**Exercise brief**
Using the records provided below, locate and copy each line that contains the word "through".

**Listed records**
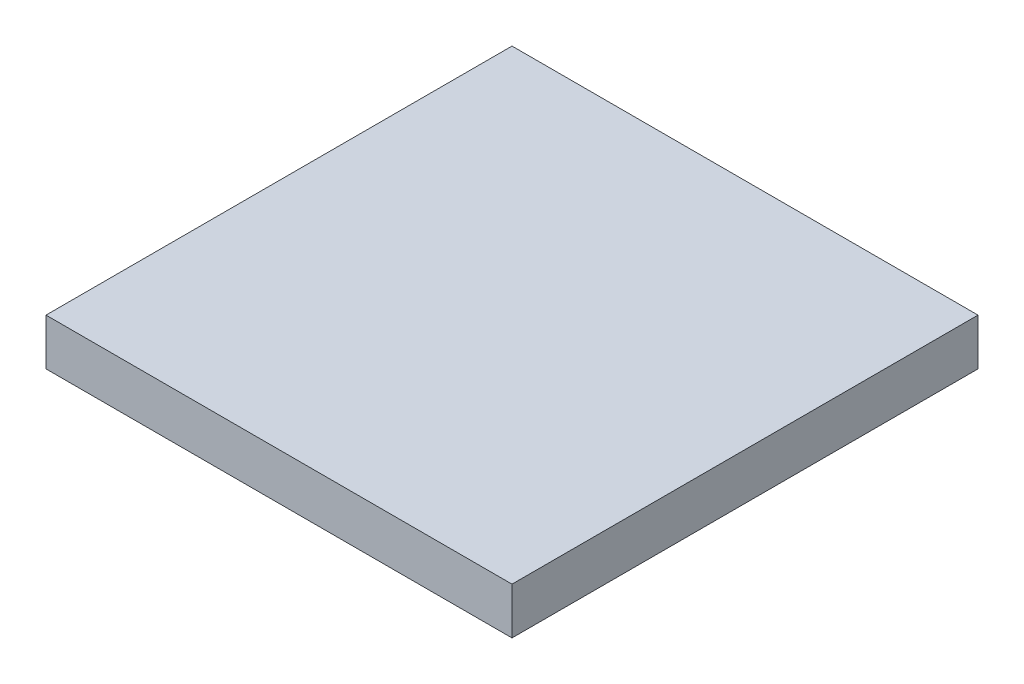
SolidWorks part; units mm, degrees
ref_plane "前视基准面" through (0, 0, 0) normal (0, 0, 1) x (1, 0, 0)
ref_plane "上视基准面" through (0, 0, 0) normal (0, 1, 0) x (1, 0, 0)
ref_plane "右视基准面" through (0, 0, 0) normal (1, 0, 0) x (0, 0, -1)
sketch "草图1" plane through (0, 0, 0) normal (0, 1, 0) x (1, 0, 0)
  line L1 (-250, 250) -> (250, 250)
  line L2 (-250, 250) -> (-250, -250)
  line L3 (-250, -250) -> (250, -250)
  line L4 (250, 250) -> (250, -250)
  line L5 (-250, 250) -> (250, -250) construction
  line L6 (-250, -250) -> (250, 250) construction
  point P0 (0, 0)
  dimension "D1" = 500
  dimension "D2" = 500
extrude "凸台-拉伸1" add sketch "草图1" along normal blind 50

**Output below**
ref_plane "前视基准面" through (0, 0, 0) normal (0, 0, 1) x (1, 0, 0)
ref_plane "上视基准面" through (0, 0, 0) normal (0, 1, 0) x (1, 0, 0)
ref_plane "右视基准面" through (0, 0, 0) normal (1, 0, 0) x (0, 0, -1)
sketch "草图1" plane through (0, 0, 0) normal (0, 1, 0) x (1, 0, 0)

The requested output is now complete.